Task material

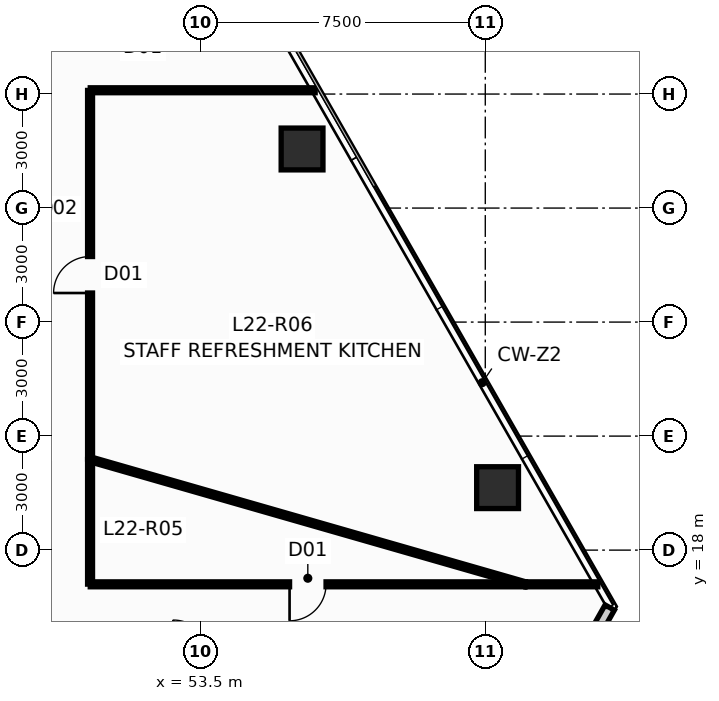
"""IFC4 building model, lengths in metres.
Left out: names, types, materials, properties, quantities, classifications, styles, units other than length and angle.
Written with IfcOpenShell. Run it as: python <this file> out.ifc"""

import sys

from ifc_helpers import new_model, si_unit, direction, frame, frame_2d, origin, origin_2d, place, context, subcontext, project, spatial, rectangle, hollow_rectangle, extrude, source, transform, mapped, element, fill, save


model = new_model("IFC4")
c1 = context("Model", 3, precision=1e-05, world=origin(), true_north=direction((0.0, 1.0)))
c2 = subcontext(c1, "Body", "Model", "MODEL_VIEW")
j1 = project(units=[si_unit("LENGTHUNIT", "METRE"), si_unit("PLANEANGLEUNIT", "RADIAN")], contexts=[c1])
p1 = place(None, origin())
s1 = spatial("IfcSite", under=j1, at=p1, CompositionType="ELEMENT")
p2 = place(p1, origin())
s2 = spatial("IfcBuilding", under=s1, at=p2, CompositionType="ELEMENT")
p3 = place(p2, frame((0.0, 0.0, 87.15)))
s3 = spatial("IfcBuildingStorey", under=s2, at=p3, CompositionType="ELEMENT", Elevation=87.15)
m1 = source(origin(), c2, "Body", "SweptSolid", [
    extrude(hollow_rectangle(XDim=1.1, YDim=1.1, WallThickness=0.06, at=origin_2d()), origin(), (0.0, 0.0, 1.0), 3.651),
])
p4 = place(p3, frame((61.323, 19.644, 0.0), z_axis=(-0.010431083049, -0.021597691184, 0.999712324742), x_axis=(0.900476348161, -0.434904985489, 0.0)))
e1 = element("IfcColumn", 1, at=p4, inside=s3, PredefinedType="COLUMN", context=c2, shape_type="MappedRepresentation", body=[
    mapped(m1, transform((0.0, 0.0, 0.0), scale=1.0)),
])
m2 = source(origin(), c2, "Body", "SweptSolid", [
    extrude(hollow_rectangle(XDim=1.1, YDim=1.1, WallThickness=0.06, at=origin_2d()), origin(), (0.0, 0.0, 1.0), 3.651),
])
p5 = place(p3, frame((56.179, 28.555, 0.0), z_axis=(-0.014912316331, -0.013775502979, 0.999793907933), x_axis=(0.678553674548, -0.734550822447, 0.0)))
e2 = element("IfcColumn", 2, at=p5, inside=s3, PredefinedType="COLUMN", context=c2, shape_type="MappedRepresentation", body=[
    mapped(m2, transform((0.0, 0.0, 0.0), scale=1.0)),
])
p6 = place(p3, frame((64.274, 16.489, 0.0), z_axis=(0.0, 0.0, 1.0), x_axis=(-0.491673093899, -0.870779862385, 0.0)))
e3 = element("IfcWall", 3, at=p6, inside=s3, PredefinedType="STANDARD", context=c2, shape_type="SweptSolid", body=[
    extrude(rectangle(XDim=13.048, YDim=0.28, at=frame_2d((6.524, 0.0))), origin(), (0.0, 0.0, 1.0), 3.4),
])
p7 = place(p6, frame((5.62, 0.0, 0.9)))
e4 = element("IfcOpeningElement", 4, at=p7, cuts=e3, PredefinedType="OPENING", context=c2, shape_type="SweptSolid", body=[
    extrude(rectangle(XDim=1.8, YDim=1.8, at=frame_2d((0.9, 0.9))), frame((0.0, 0.152, 0.0), z_axis=(0.0, -1.0, 0.0), x_axis=(1.0, 0.0, 0.0)), (0.0, 0.0, 1.0), 0.304),
])
p8 = place(p3, frame((50.605, 20.389, 0.0), z_axis=(0.0, 0.0, 1.0), x_axis=(0.961158846522, -0.27599578213, 0.0)))
e5 = element("IfcWall", 5, at=p8, inside=s3, PredefinedType="PARTITIONING", context=c2, shape_type="SweptSolid", body=[
    extrude(rectangle(XDim=11.913, YDim=0.13, at=frame_2d((5.956, 0.0))), origin(), (0.0, 0.0, 1.0), 3.4),
])
p9 = place(p3, frame((62.055, 17.1, 0.0), z_axis=(0.0, 0.0, 1.0), x_axis=(-1.0, 0.0, 0.0)))
e6 = element("IfcWall", 6, at=p9, inside=s3, PredefinedType="PARTITIONING", context=c2, shape_type="SweptSolid", body=[
    extrude(rectangle(XDim=11.45, YDim=0.13, at=frame_2d((5.725, 0.0))), origin(), (0.0, 0.0, 1.0), 3.4),
])
p10 = place(p9, frame((5.245, 0.0, 0.0)))
e7 = element("IfcOpeningElement", 7, at=p10, cuts=e6, PredefinedType="OPENING", context=c2, shape_type="SweptSolid", body=[
    extrude(rectangle(XDim=0.96, YDim=2.15, at=frame_2d((0.48, 1.075))), frame((0.0, 0.077, 0.0), z_axis=(0.0, -1.0, 0.0), x_axis=(1.0, 0.0, 0.0)), (0.0, 0.0, 1.0), 0.154),
])
p11 = place(p3, frame((50.6, 20.395, 0.0), z_axis=(0.0, 0.0, 1.0), x_axis=(0.0, 1.0, 0.0)))
e8 = element("IfcWall", 8, at=p11, inside=s3, PredefinedType="PARTITIONING", context=c2, shape_type="SweptSolid", body=[
    extrude(rectangle(XDim=9.7, YDim=0.13, at=frame_2d((4.85, 0.0))), origin(), (0.0, 0.0, 1.0), 3.027),
])
p12 = place(p11, frame((4.37, 0.0, 0.0)))
e9 = element("IfcOpeningElement", 9, at=p12, cuts=e8, PredefinedType="OPENING", context=c2, shape_type="SweptSolid", body=[
    extrude(rectangle(XDim=0.96, YDim=2.15, at=frame_2d((0.48, 1.075))), frame((0.0, 0.077, 0.0), z_axis=(0.0, -1.0, 0.0), x_axis=(1.0, 0.0, 0.0)), (0.0, 0.0, 1.0), 0.154),
])
p13 = place(p3, frame((50.605, 30.1, 0.0), z_axis=(0.0, 0.0, 1.0), x_axis=(1.0, 0.0, 0.0)))
e10 = element("IfcWall", 10, at=p13, inside=s3, PredefinedType="PARTITIONING", context=c2, shape_type="SweptSolid", body=[
    extrude(rectangle(XDim=5.918, YDim=0.13, at=frame_2d((2.959, 0.0))), origin(), (0.0, 0.0, 1.0), 3.4),
])
p14 = place(p3, frame((50.6, 17.105, 0.0), z_axis=(0.0, 0.0, 1.0), x_axis=(0.0, 1.0, 0.0)))
e11 = element("IfcWall", 11, at=p14, inside=s3, PredefinedType="PARTITIONING", context=c2, shape_type="SweptSolid", body=[
    extrude(rectangle(XDim=3.28, YDim=0.13, at=frame_2d((1.64, 0.0))), origin(), (0.0, 0.0, 1.0), 3.027),
])
p15 = place(p3, frame((62.065, 17.1, 0.0), z_axis=(0.0, 0.0, 1.0), x_axis=(1.0, 0.0, 0.0)))
e12 = element("IfcWall", 12, at=p15, inside=s3, PredefinedType="PARTITIONING", context=c2, shape_type="SweptSolid", body=[
    extrude(rectangle(XDim=1.895, YDim=0.13, at=frame_2d((0.948, 0.0))), origin(), (0.0, 0.0, 1.0), 3.4),
])
p16 = place(p10, origin())
e13 = element("IfcDoor", 13, at=p16, inside=s3, OperationType="SINGLE_SWING_RIGHT", PredefinedType="DOOR", context=c2, shape_type="SweptSolid", body=[
    extrude(rectangle(XDim=0.96, YDim=2.15, at=frame_2d((0.48, 1.075))), frame((0.0, 0.025, 0.0), z_axis=(0.0, -1.0, 0.0), x_axis=(1.0, 0.0, 0.0)), (0.0, 0.0, 1.0), 0.05),
])
fill(e7, e13)
p17 = place(p12, origin())
e14 = element("IfcDoor", 14, at=p17, inside=s3, OperationType="SINGLE_SWING_LEFT", PredefinedType="DOOR", context=c2, shape_type="SweptSolid", body=[
    extrude(rectangle(XDim=0.96, YDim=2.15, at=frame_2d((0.48, 1.075))), frame((0.0, 0.025, 0.0), z_axis=(0.0, -1.0, 0.0), x_axis=(1.0, 0.0, 0.0)), (0.0, 0.0, 1.0), 0.05),
])
fill(e9, e14)
save(model, sys.argv[1])

Try it
The string "save" appears on how many lines of the records? State the number alone.

Completed task
2